━━━━━ GIVEN DATA

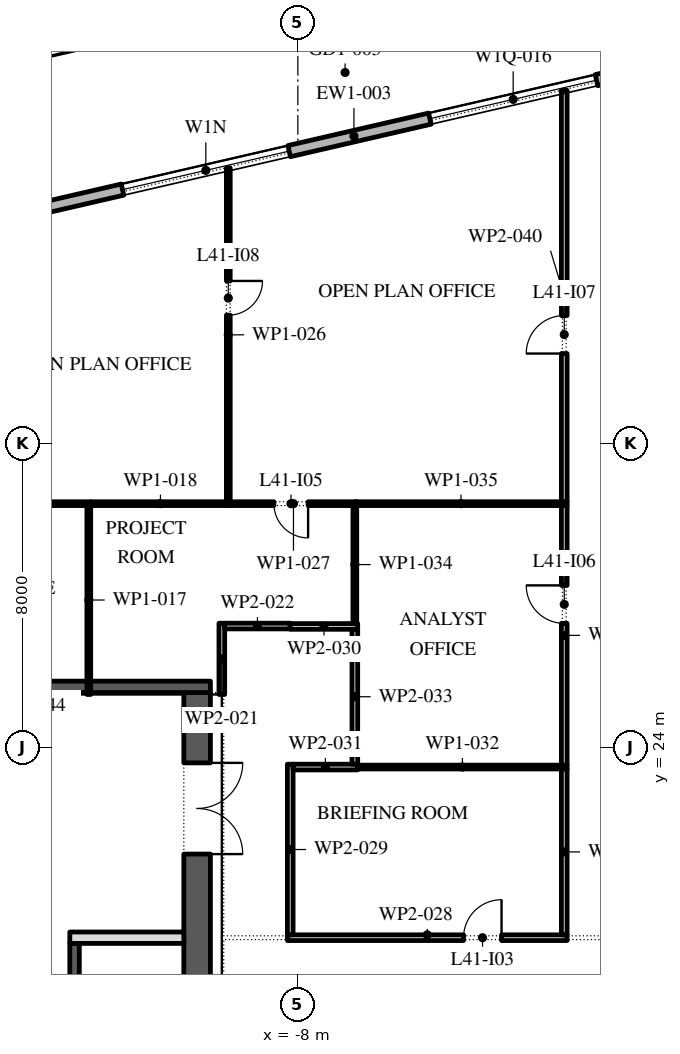
"""IFC4 building model, lengths in metres.
Left out: names, types, materials, properties, quantities, classifications, styles, units other than length and angle.
Written with IfcOpenShell. Run it as: python <this file> out.ifc"""

import sys

from ifc_helpers import new_model, si_unit, direction, frame, frame_2d, origin, place, context, subcontext, project, spatial, rectangle, extrude, element, fill, save


model = new_model("IFC4")
c1 = context("Model", 3, precision=1e-05, world=origin(), true_north=direction((0.0, 1.0)))
c2 = subcontext(c1, "Body", "Model", "MODEL_VIEW")
j1 = project(units=[si_unit("LENGTHUNIT", "METRE"), si_unit("PLANEANGLEUNIT", "RADIAN")], contexts=[c1])
p1 = place(None, origin())
s1 = spatial("IfcSite", under=j1, at=p1, CompositionType="ELEMENT")
p2 = place(p1, origin())
s2 = spatial("IfcBuilding", under=s1, at=p2, CompositionType="ELEMENT")
p3 = place(p2, frame((0.0, 0.0, 188.4)))
s3 = spatial("IfcBuildingStorey", under=s2, at=p3, CompositionType="ELEMENT", Elevation=188.4)
p4 = place(p3, frame((17.592, 45.657, 0.0), z_axis=(0.0, 0.0, 1.0), x_axis=(-0.974370243697, -0.224950279389, 0.0)))
e1 = element("IfcWall", 1, at=p4, inside=s3, PredefinedType="STANDARD", context=c2, shape_type="SweptSolid", body=[
    extrude(rectangle(XDim=49.5, YDim=0.3, at=frame_2d((24.75, 0.0))), origin(), (0.0, 0.0, 1.0), 4.0),
])
p5 = place(p4, frame((2.8, 0.0, 0.0)))
e2 = element("IfcOpeningElement", 2, at=p5, cuts=e1, PredefinedType="OPENING", context=c2, shape_type="SweptSolid", body=[
    extrude(rectangle(XDim=2.4, YDim=3.5, at=frame_2d((1.2, 1.75))), frame((0.0, 0.16, 0.0), z_axis=(0.0, -1.0, 0.0), x_axis=(1.0, 0.0, 0.0)), (0.0, 0.0, 1.0), 0.32),
])
p6 = place(p4, frame((9.9, 0.0, 0.45)))
e3 = element("IfcOpeningElement", 3, at=p6, cuts=e1, PredefinedType="OPENING", context=c2, shape_type="SweptSolid", body=[
    extrude(rectangle(XDim=4.5, YDim=2.45, at=frame_2d((2.25, 1.225))), frame((0.0, 0.16, 0.0), z_axis=(0.0, -1.0, 0.0), x_axis=(1.0, 0.0, 0.0)), (0.0, 0.0, 1.0), 0.32),
])
p7 = place(p4, frame((18.2, 0.0, 0.45)))
e4 = element("IfcOpeningElement", 4, at=p7, cuts=e1, PredefinedType="OPENING", context=c2, shape_type="SweptSolid", body=[
    extrude(rectangle(XDim=4.5, YDim=2.45, at=frame_2d((2.25, 1.225))), frame((0.0, 0.16, 0.0), z_axis=(0.0, -1.0, 0.0), x_axis=(1.0, 0.0, 0.0)), (0.0, 0.0, 1.0), 0.32),
])
p8 = place(p4, frame((26.5, 0.0, 0.45)))
e5 = element("IfcOpeningElement", 5, at=p8, cuts=e1, PredefinedType="OPENING", context=c2, shape_type="SweptSolid", body=[
    extrude(rectangle(XDim=4.5, YDim=2.525, at=frame_2d((2.25, 1.262))), frame((0.0, 0.16, 0.0), z_axis=(0.0, -1.0, 0.0), x_axis=(1.0, 0.0, 0.0)), (0.0, 0.0, 1.0), 0.32),
])
p9 = place(p4, frame((35.85, 0.0, 0.0)))
e6 = element("IfcOpeningElement", 6, at=p9, cuts=e1, PredefinedType="OPENING", context=c2, shape_type="SweptSolid", body=[
    extrude(rectangle(XDim=2.4, YDim=3.5, at=frame_2d((1.2, 1.75))), frame((0.0, 0.16, 0.0), z_axis=(0.0, -1.0, 0.0), x_axis=(1.0, 0.0, 0.0)), (0.0, 0.0, 1.0), 0.32),
])
p10 = place(p4, frame((43.1, 0.0, 0.45)))
e7 = element("IfcOpeningElement", 7, at=p10, cuts=e1, PredefinedType="OPENING", context=c2, shape_type="SweptSolid", body=[
    extrude(rectangle(XDim=4.5, YDim=2.675, at=frame_2d((2.25, 1.337))), frame((0.0, 0.16, 0.0), z_axis=(0.0, -1.0, 0.0), x_axis=(1.0, 0.0, 0.0)), (0.0, 0.0, 1.0), 0.32),
])
p11 = place(p3, frame((-10.65, -2.45, 0.0), z_axis=(0.0, 0.0, 1.0), x_axis=(0.0, 1.0, 0.0)))
e8 = element("IfcWall", 8, at=p11, inside=s3, PredefinedType="SHEAR", context=c2, shape_type="SweptSolid", body=[
    extrude(rectangle(XDim=27.9, YDim=0.7, at=frame_2d((13.95, 0.0))), origin(), (0.0, 0.0, 1.0), 4.0),
])
p12 = place(p11, frame((23.65, 0.0, 0.0)))
e9 = element("IfcOpeningElement", 9, at=p12, cuts=e8, PredefinedType="OPENING", context=c2, shape_type="SweptSolid", body=[
    extrude(rectangle(XDim=2.4, YDim=2.1, at=frame_2d((1.2, 1.05))), frame((0.0, 0.36, 0.0), z_axis=(0.0, -1.0, 0.0), x_axis=(1.0, 0.0, 0.0)), (0.0, 0.0, 1.0), 0.72),
])
p13 = place(p11, frame((0.788, 0.0, 0.0)))
e10 = element("IfcOpeningElement", 10, at=p13, cuts=e8, PredefinedType="OPENING", context=c2, shape_type="SweptSolid", body=[
    extrude(rectangle(XDim=0.9, YDim=2.1, at=frame_2d((0.45, 1.05))), frame((0.0, 0.36, 0.0), z_axis=(0.0, -1.0, 0.0), x_axis=(1.0, 0.0, 0.0)), (0.0, 0.0, 1.0), 0.72),
])
p14 = place(p11, frame((3.962, 0.0, 0.0)))
e11 = element("IfcOpeningElement", 11, at=p14, cuts=e8, PredefinedType="OPENING", context=c2, shape_type="SweptSolid", body=[
    extrude(rectangle(XDim=1.0, YDim=2.1, at=frame_2d((0.5, 1.05))), frame((0.0, 0.36, 0.0), z_axis=(0.0, -1.0, 0.0), x_axis=(1.0, 0.0, 0.0)), (0.0, 0.0, 1.0), 0.72),
])
p15 = place(p3, frame((-21.7, 25.6, 0.0), z_axis=(0.0, 0.0, 1.0), x_axis=(1.0, 0.0, 0.0)))
e12 = element("IfcWall", 12, at=p15, inside=s3, PredefinedType="SHEAR", context=c2, shape_type="SweptSolid", body=[
    extrude(rectangle(XDim=11.4, YDim=0.3, at=frame_2d((5.7, 0.0))), origin(), (0.0, 0.0, 1.0), 4.0),
])
p16 = place(p3, frame((-13.875, -2.45, 0.0), z_axis=(0.0, 0.0, 1.0), x_axis=(0.0, 1.0, 0.0)))
e13 = element("IfcWall", 13, at=p16, inside=s3, PredefinedType="SHEAR", context=c2, shape_type="SweptSolid", body=[
    extrude(rectangle(XDim=21.3, YDim=0.25, at=frame_2d((10.65, 0.0))), origin(), (0.0, 0.0, 1.0), 4.0),
])
p17 = place(p16, frame((17.786, 0.0, 0.0)))
e14 = element("IfcOpeningElement", 14, at=p17, cuts=e13, PredefinedType="OPENING", context=c2, shape_type="SweptSolid", body=[
    extrude(rectangle(XDim=0.9, YDim=2.1, at=frame_2d((0.45, 1.05))), frame((0.0, 0.135, 0.0), z_axis=(0.0, -1.0, 0.0), x_axis=(1.0, 0.0, 0.0)), (0.0, 0.0, 1.0), 0.27),
])
p18 = place(p16, frame((6.971, 0.0, 0.0)))
e15 = element("IfcOpeningElement", 15, at=p18, cuts=e13, PredefinedType="OPENING", context=c2, shape_type="SweptSolid", body=[
    extrude(rectangle(XDim=1.1, YDim=2.1, at=frame_2d((0.55, 1.05))), frame((0.0, 0.135, 0.0), z_axis=(0.0, -1.0, 0.0), x_axis=(1.0, 0.0, 0.0)), (0.0, 0.0, 1.0), 0.27),
])
p19 = place(p16, frame((9.114, 0.0, 0.0)))
e16 = element("IfcOpeningElement", 16, at=p19, cuts=e13, PredefinedType="OPENING", context=c2, shape_type="SweptSolid", body=[
    extrude(rectangle(XDim=1.1, YDim=2.1, at=frame_2d((0.55, 1.05))), frame((0.0, 0.135, 0.0), z_axis=(0.0, -1.0, 0.0), x_axis=(1.0, 0.0, 0.0)), (0.0, 0.0, 1.0), 0.27),
])
p20 = place(p16, frame((11.257, 0.0, 0.0)))
e17 = element("IfcOpeningElement", 17, at=p20, cuts=e13, PredefinedType="OPENING", context=c2, shape_type="SweptSolid", body=[
    extrude(rectangle(XDim=1.1, YDim=2.1, at=frame_2d((0.55, 1.05))), frame((0.0, 0.135, 0.0), z_axis=(0.0, -1.0, 0.0), x_axis=(1.0, 0.0, 0.0)), (0.0, 0.0, 1.0), 0.27),
])
p21 = place(p16, frame((13.4, 0.0, 0.0)))
e18 = element("IfcOpeningElement", 18, at=p21, cuts=e13, PredefinedType="OPENING", context=c2, shape_type="SweptSolid", body=[
    extrude(rectangle(XDim=1.1, YDim=2.1, at=frame_2d((0.55, 1.05))), frame((0.0, 0.135, 0.0), z_axis=(0.0, -1.0, 0.0), x_axis=(1.0, 0.0, 0.0)), (0.0, 0.0, 1.0), 0.27),
])
p22 = place(p3, frame((-14.0, 19.0, 0.0), z_axis=(0.0, 0.0, 1.0), x_axis=(1.0, 0.0, 0.0)))
e19 = element("IfcWall", 19, at=p22, inside=s3, PredefinedType="PARTITIONING", context=c2, shape_type="SweptSolid", body=[
    extrude(rectangle(XDim=3.0, YDim=0.3, at=frame_2d((1.5, 0.0))), origin(), (0.0, 0.0, 1.0), 4.0),
])
p23 = place(p3, frame((-22.47, 30.42, 0.0), z_axis=(0.0, 0.0, 1.0), x_axis=(1.0, 0.0, 0.0)))
e20 = element("IfcWall", 20, at=p23, inside=s3, PredefinedType="PARTITIONING", context=c2, shape_type="SweptSolid", body=[
    extrude(rectangle(XDim=9.02, YDim=0.1, at=frame_2d((4.51, 0.0))), origin(), (0.0, 0.0, 1.0), 4.0),
])
p24 = place(p3, frame((-13.5, 30.37, 0.0), z_axis=(0.0, 0.0, 1.0), x_axis=(0.0, -1.0, 0.0)))
e21 = element("IfcWall", 21, at=p24, inside=s3, PredefinedType="PARTITIONING", context=c2, shape_type="SweptSolid", body=[
    extrude(rectangle(XDim=4.97, YDim=0.1, at=frame_2d((2.485, 0.0))), origin(), (0.0, 0.0, 1.0), 4.0),
])
p25 = place(p3, frame((-13.45, 30.42, 0.0), z_axis=(0.0, 0.0, 1.0), x_axis=(1.0, 0.0, 0.0)))
e22 = element("IfcWall", 22, at=p25, inside=s3, PredefinedType="PARTITIONING", context=c2, shape_type="SweptSolid", body=[
    extrude(rectangle(XDim=3.67, YDim=0.1, at=frame_2d((1.835, 0.0))), origin(), (0.0, 0.0, 1.0), 4.0),
])
p26 = place(p3, frame((-10.0, 25.4, 0.0), z_axis=(0.0, 0.0, 1.0), x_axis=(0.0, 1.0, 0.0)))
e23 = element("IfcWall", 23, at=p26, inside=s3, PredefinedType="PARTITIONING", context=c2, shape_type="SweptSolid", body=[
    extrude(rectangle(XDim=1.875, YDim=0.15, at=frame_2d((0.938, 0.0))), origin(), (0.0, 0.0, 1.0), 4.0),
])
p27 = place(p3, frame((-9.925, 27.2, 0.0), z_axis=(0.0, 0.0, 1.0), x_axis=(1.0, 0.0, 0.0)))
e24 = element("IfcWall", 24, at=p27, inside=s3, PredefinedType="PARTITIONING", context=c2, shape_type="SweptSolid", body=[
    extrude(rectangle(XDim=1.725, YDim=0.15, at=frame_2d((0.863, 0.0))), origin(), (0.0, 0.0, 1.0), 4.0),
])
p28 = place(p3, frame((-9.83, 30.47, 0.0), z_axis=(0.0, 0.0, 1.0), x_axis=(0.0, 1.0, 0.0)))
e25 = element("IfcWall", 25, at=p28, inside=s3, PredefinedType="PARTITIONING", context=c2, shape_type="SweptSolid", body=[
    extrude(rectangle(XDim=8.785, YDim=0.1, at=frame_2d((4.393, 0.0))), origin(), (0.0, 0.0, 1.0), 4.0),
])
p29 = place(p28, frame((4.91, 0.0, 0.0)))
e26 = element("IfcOpeningElement", 26, at=p29, cuts=e25, PredefinedType="OPENING", context=c2, shape_type="SweptSolid", body=[
    extrude(rectangle(XDim=0.9, YDim=2.1, at=frame_2d((0.45, 1.05))), frame((0.0, 0.06, 0.0), z_axis=(0.0, -1.0, 0.0), x_axis=(1.0, 0.0, 0.0)), (0.0, 0.0, 1.0), 0.12),
])
p30 = place(p3, frame((-9.78, 30.42, 0.0), z_axis=(0.0, 0.0, 1.0), x_axis=(1.0, 0.0, 0.0)))
e27 = element("IfcWall", 27, at=p30, inside=s3, PredefinedType="PARTITIONING", context=c2, shape_type="SweptSolid", body=[
    extrude(rectangle(XDim=3.33, YDim=0.1, at=frame_2d((1.665, 0.0))), origin(), (0.0, 0.0, 1.0), 4.0),
])
p31 = place(p30, frame((1.15, 0.0, 0.0)))
e28 = element("IfcOpeningElement", 28, at=p31, cuts=e27, PredefinedType="OPENING", context=c2, shape_type="SweptSolid", body=[
    extrude(rectangle(XDim=0.9, YDim=2.1, at=frame_2d((0.45, 1.05))), frame((0.0, 0.06, 0.0), z_axis=(0.0, -1.0, 0.0), x_axis=(1.0, 0.0, 0.0)), (0.0, 0.0, 1.0), 0.12),
])
p32 = place(p3, frame((-8.275, 19.0, 0.0), z_axis=(0.0, 0.0, 1.0), x_axis=(1.0, 0.0, 0.0)))
e29 = element("IfcWall", 29, at=p32, inside=s3, PredefinedType="PARTITIONING", context=c2, shape_type="SweptSolid", body=[
    extrude(rectangle(XDim=7.36, YDim=0.15, at=frame_2d((3.68, 0.0))), origin(), (0.0, 0.0, 1.0), 4.0),
])
p33 = place(p32, frame((4.635, 0.0, 0.0)))
e30 = element("IfcOpeningElement", 30, at=p33, cuts=e29, PredefinedType="OPENING", context=c2, shape_type="SweptSolid", body=[
    extrude(rectangle(XDim=1.0, YDim=2.1, at=frame_2d((0.5, 1.05))), frame((0.0, 0.085, 0.0), z_axis=(0.0, -1.0, 0.0), x_axis=(1.0, 0.0, 0.0)), (0.0, 0.0, 1.0), 0.17),
])
p34 = place(p3, frame((-8.2, 23.565, 0.0), z_axis=(0.0, 0.0, 1.0), x_axis=(0.0, -1.0, 0.0)))
e31 = element("IfcWall", 31, at=p34, inside=s3, PredefinedType="PARTITIONING", context=c2, shape_type="SweptSolid", body=[
    extrude(rectangle(XDim=4.49, YDim=0.15, at=frame_2d((2.245, 0.0))), origin(), (0.0, 0.0, 1.0), 4.0),
])
p35 = place(p3, frame((-8.2, 27.19, 0.0), z_axis=(0.0, 0.0, 1.0), x_axis=(1.0, 0.0, 0.0)))
e32 = element("IfcWall", 32, at=p35, inside=s3, PredefinedType="PARTITIONING", context=c2, shape_type="SweptSolid", body=[
    extrude(rectangle(XDim=1.775, YDim=0.15, at=frame_2d((0.887, 0.0))), origin(), (0.0, 0.0, 1.0), 4.0),
])
p36 = place(p3, frame((-6.425, 23.49, 0.0), z_axis=(0.0, 0.0, 1.0), x_axis=(-1.0, 0.0, 0.0)))
e33 = element("IfcWall", 33, at=p36, inside=s3, PredefinedType="PARTITIONING", context=c2, shape_type="SweptSolid", body=[
    extrude(rectangle(XDim=1.7, YDim=0.15, at=frame_2d((0.85, 0.0))), origin(), (0.0, 0.0, 1.0), 4.0),
])
p37 = place(p3, frame((-6.425, 23.49, 0.0), z_axis=(0.0, 0.0, 1.0), x_axis=(1.0, 0.0, 0.0)))
e34 = element("IfcWall", 34, at=p37, inside=s3, PredefinedType="PARTITIONING", context=c2, shape_type="SweptSolid", body=[
    extrude(rectangle(XDim=5.51, YDim=0.1, at=frame_2d((2.755, 0.0))), origin(), (0.0, 0.0, 1.0), 4.0),
])
p38 = place(p3, frame((-6.5, 27.115, 0.0), z_axis=(0.0, 0.0, 1.0), x_axis=(0.0, -1.0, 0.0)))
e35 = element("IfcWall", 35, at=p38, inside=s3, PredefinedType="PARTITIONING", context=c2, shape_type="SweptSolid", body=[
    extrude(rectangle(XDim=3.55, YDim=0.15, at=frame_2d((1.775, 0.0))), origin(), (0.0, 0.0, 1.0), 4.0),
])
p39 = place(p3, frame((-6.5, 30.37, 0.0), z_axis=(0.0, 0.0, 1.0), x_axis=(0.0, -1.0, 0.0)))
e36 = element("IfcWall", 36, at=p39, inside=s3, PredefinedType="PARTITIONING", context=c2, shape_type="SweptSolid", body=[
    extrude(rectangle(XDim=3.105, YDim=0.1, at=frame_2d((1.553, 0.0))), origin(), (0.0, 0.0, 1.0), 4.0),
])
p40 = place(p3, frame((-6.5, 30.42, 0.0), z_axis=(0.0, 0.0, 1.0), x_axis=(1.0, 0.0, 0.0)))
e37 = element("IfcWall", 37, at=p40, inside=s3, PredefinedType="PARTITIONING", context=c2, shape_type="SweptSolid", body=[
    extrude(rectangle(XDim=5.585, YDim=0.1, at=frame_2d((2.792, 0.0))), origin(), (0.0, 0.0, 1.0), 4.0),
])
p41 = place(p3, frame((-0.99, 19.075, 0.0), z_axis=(0.0, 0.0, 1.0), x_axis=(0.0, 1.0, 0.0)))
e38 = element("IfcWall", 38, at=p41, inside=s3, PredefinedType="PARTITIONING", context=c2, shape_type="SweptSolid", body=[
    extrude(rectangle(XDim=4.365, YDim=0.15, at=frame_2d((2.183, 0.0))), origin(), (0.0, 0.0, 1.0), 4.0),
])
p42 = place(p3, frame((-0.99, 23.54, 0.0), z_axis=(0.0, 0.0, 1.0), x_axis=(0.0, 1.0, 0.0)))
e39 = element("IfcWall", 39, at=p42, inside=s3, PredefinedType="PARTITIONING", context=c2, shape_type="SweptSolid", body=[
    extrude(rectangle(XDim=6.83, YDim=0.15, at=frame_2d((3.415, 0.0))), origin(), (0.0, 0.0, 1.0), 4.0),
])
p43 = place(p42, frame((3.73, 0.0, 0.0)))
e40 = element("IfcOpeningElement", 40, at=p43, cuts=e39, PredefinedType="OPENING", context=c2, shape_type="SweptSolid", body=[
    extrude(rectangle(XDim=1.0, YDim=2.1, at=frame_2d((0.5, 1.05))), frame((0.0, 0.085, 0.0), z_axis=(0.0, -1.0, 0.0), x_axis=(1.0, 0.0, 0.0)), (0.0, 0.0, 1.0), 0.17),
])
p44 = place(p3, frame((-0.99, 30.47, 0.0), z_axis=(0.0, 0.0, 1.0), x_axis=(0.0, 1.0, 0.0)))
e41 = element("IfcWall", 41, at=p44, inside=s3, PredefinedType="PARTITIONING", context=c2, shape_type="SweptSolid", body=[
    extrude(rectangle(XDim=10.826, YDim=0.15, at=frame_2d((5.413, 0.0))), origin(), (0.0, 0.0, 1.0), 4.0),
])
p45 = place(p44, frame((3.9, 0.0, 0.0)))
e42 = element("IfcOpeningElement", 42, at=p45, cuts=e41, PredefinedType="OPENING", context=c2, shape_type="SweptSolid", body=[
    extrude(rectangle(XDim=1.0, YDim=2.1, at=frame_2d((0.5, 1.05))), frame((0.0, 0.085, 0.0), z_axis=(0.0, -1.0, 0.0), x_axis=(1.0, 0.0, 0.0)), (0.0, 0.0, 1.0), 0.17),
])
p46 = place(p7, origin())
e43 = element("IfcWindow", 43, at=p46, inside=s3, PartitioningType="DOUBLE_PANEL_VERTICAL", PredefinedType="WINDOW", context=c2, shape_type="SweptSolid", body=[
    extrude(rectangle(XDim=4.5, YDim=2.45, at=frame_2d((2.25, 1.225))), frame((0.0, 0.03, 0.0), z_axis=(0.0, -1.0, 0.0), x_axis=(1.0, 0.0, 0.0)), (0.0, 0.0, 1.0), 0.06),
])
fill(e4, e43)
p47 = place(p8, origin())
e44 = element("IfcWindow", 44, at=p47, inside=s3, PartitioningType="DOUBLE_PANEL_VERTICAL", PredefinedType="WINDOW", context=c2, shape_type="SweptSolid", body=[
    extrude(rectangle(XDim=4.5, YDim=2.525, at=frame_2d((2.25, 1.262))), frame((0.0, 0.03, 0.0), z_axis=(0.0, -1.0, 0.0), x_axis=(1.0, 0.0, 0.0)), (0.0, 0.0, 1.0), 0.06),
])
fill(e5, e44)
p48 = place(p12, frame((2.4, 0.0, 0.0), z_axis=(0.0, 0.0, 1.0), x_axis=(-1.0, 0.0, 0.0)))
e45 = element("IfcDoor", 45, at=p48, inside=s3, OperationType="DOUBLE_DOOR_SINGLE_SWING", PredefinedType="DOOR", context=c2, shape_type="SweptSolid", body=[
    extrude(rectangle(XDim=2.4, YDim=2.1, at=frame_2d((1.2, 1.05))), frame((0.0, 0.025, 0.0), z_axis=(0.0, -1.0, 0.0), x_axis=(1.0, 0.0, 0.0)), (0.0, 0.0, 1.0), 0.05),
])
fill(e9, e45)
p49 = place(p33, origin())
e46 = element("IfcDoor", 46, at=p49, inside=s3, OperationType="SINGLE_SWING_LEFT", PredefinedType="DOOR", context=c2, shape_type="SweptSolid", body=[
    extrude(rectangle(XDim=1.0, YDim=2.1, at=frame_2d((0.5, 1.05))), frame((0.0, 0.025, 0.0), z_axis=(0.0, -1.0, 0.0), x_axis=(1.0, 0.0, 0.0)), (0.0, 0.0, 1.0), 0.05),
])
fill(e30, e46)
p50 = place(p31, frame((0.9, 0.0, 0.0), z_axis=(0.0, 0.0, 1.0), x_axis=(-1.0, 0.0, 0.0)))
e47 = element("IfcDoor", 47, at=p50, inside=s3, OperationType="SINGLE_SWING_RIGHT", PredefinedType="DOOR", context=c2, shape_type="SweptSolid", body=[
    extrude(rectangle(XDim=0.9, YDim=2.1, at=frame_2d((0.45, 1.05))), frame((0.0, 0.025, 0.0), z_axis=(0.0, -1.0, 0.0), x_axis=(1.0, 0.0, 0.0)), (0.0, 0.0, 1.0), 0.05),
])
fill(e28, e47)
p51 = place(p43, origin())
e48 = element("IfcDoor", 48, at=p51, inside=s3, OperationType="SINGLE_SWING_LEFT", PredefinedType="DOOR", context=c2, shape_type="SweptSolid", body=[
    extrude(rectangle(XDim=1.0, YDim=2.1, at=frame_2d((0.5, 1.05))), frame((0.0, 0.025, 0.0), z_axis=(0.0, -1.0, 0.0), x_axis=(1.0, 0.0, 0.0)), (0.0, 0.0, 1.0), 0.05),
])
fill(e40, e48)
p52 = place(p45, origin())
e49 = element("IfcDoor", 49, at=p52, inside=s3, OperationType="SINGLE_SWING_RIGHT", PredefinedType="DOOR", context=c2, shape_type="SweptSolid", body=[
    extrude(rectangle(XDim=1.0, YDim=2.1, at=frame_2d((0.5, 1.05))), frame((0.0, 0.025, 0.0), z_axis=(0.0, -1.0, 0.0), x_axis=(1.0, 0.0, 0.0)), (0.0, 0.0, 1.0), 0.05),
])
fill(e42, e49)
p53 = place(p29, frame((0.9, 0.0, 0.0), z_axis=(0.0, 0.0, 1.0), x_axis=(-1.0, 0.0, 0.0)))
e50 = element("IfcDoor", 50, at=p53, inside=s3, OperationType="SINGLE_SWING_RIGHT", PredefinedType="DOOR", context=c2, shape_type="SweptSolid", body=[
    extrude(rectangle(XDim=0.9, YDim=2.1, at=frame_2d((0.45, 1.05))), frame((0.0, 0.025, 0.0), z_axis=(0.0, -1.0, 0.0), x_axis=(1.0, 0.0, 0.0)), (0.0, 0.0, 1.0), 0.05),
])
fill(e26, e50)
save(model, sys.argv[1])

━━━━━━━━━━

TASK DETAILS>
Go through the records and gather the lines that hold "IfcWindow".

SOLUTION FOR THIS EXERCISE>
e43 = element("IfcWindow", 43, at=p46, inside=s3, PartitioningType="DOUBLE_PANEL_VERTICAL", PredefinedType="WINDOW", context=c2, shape_type="SweptSolid", body=[
e44 = element("IfcWindow", 44, at=p47, inside=s3, PartitioningType="DOUBLE_PANEL_VERTICAL", PredefinedType="WINDOW", context=c2, shape_type="SweptSolid", body=[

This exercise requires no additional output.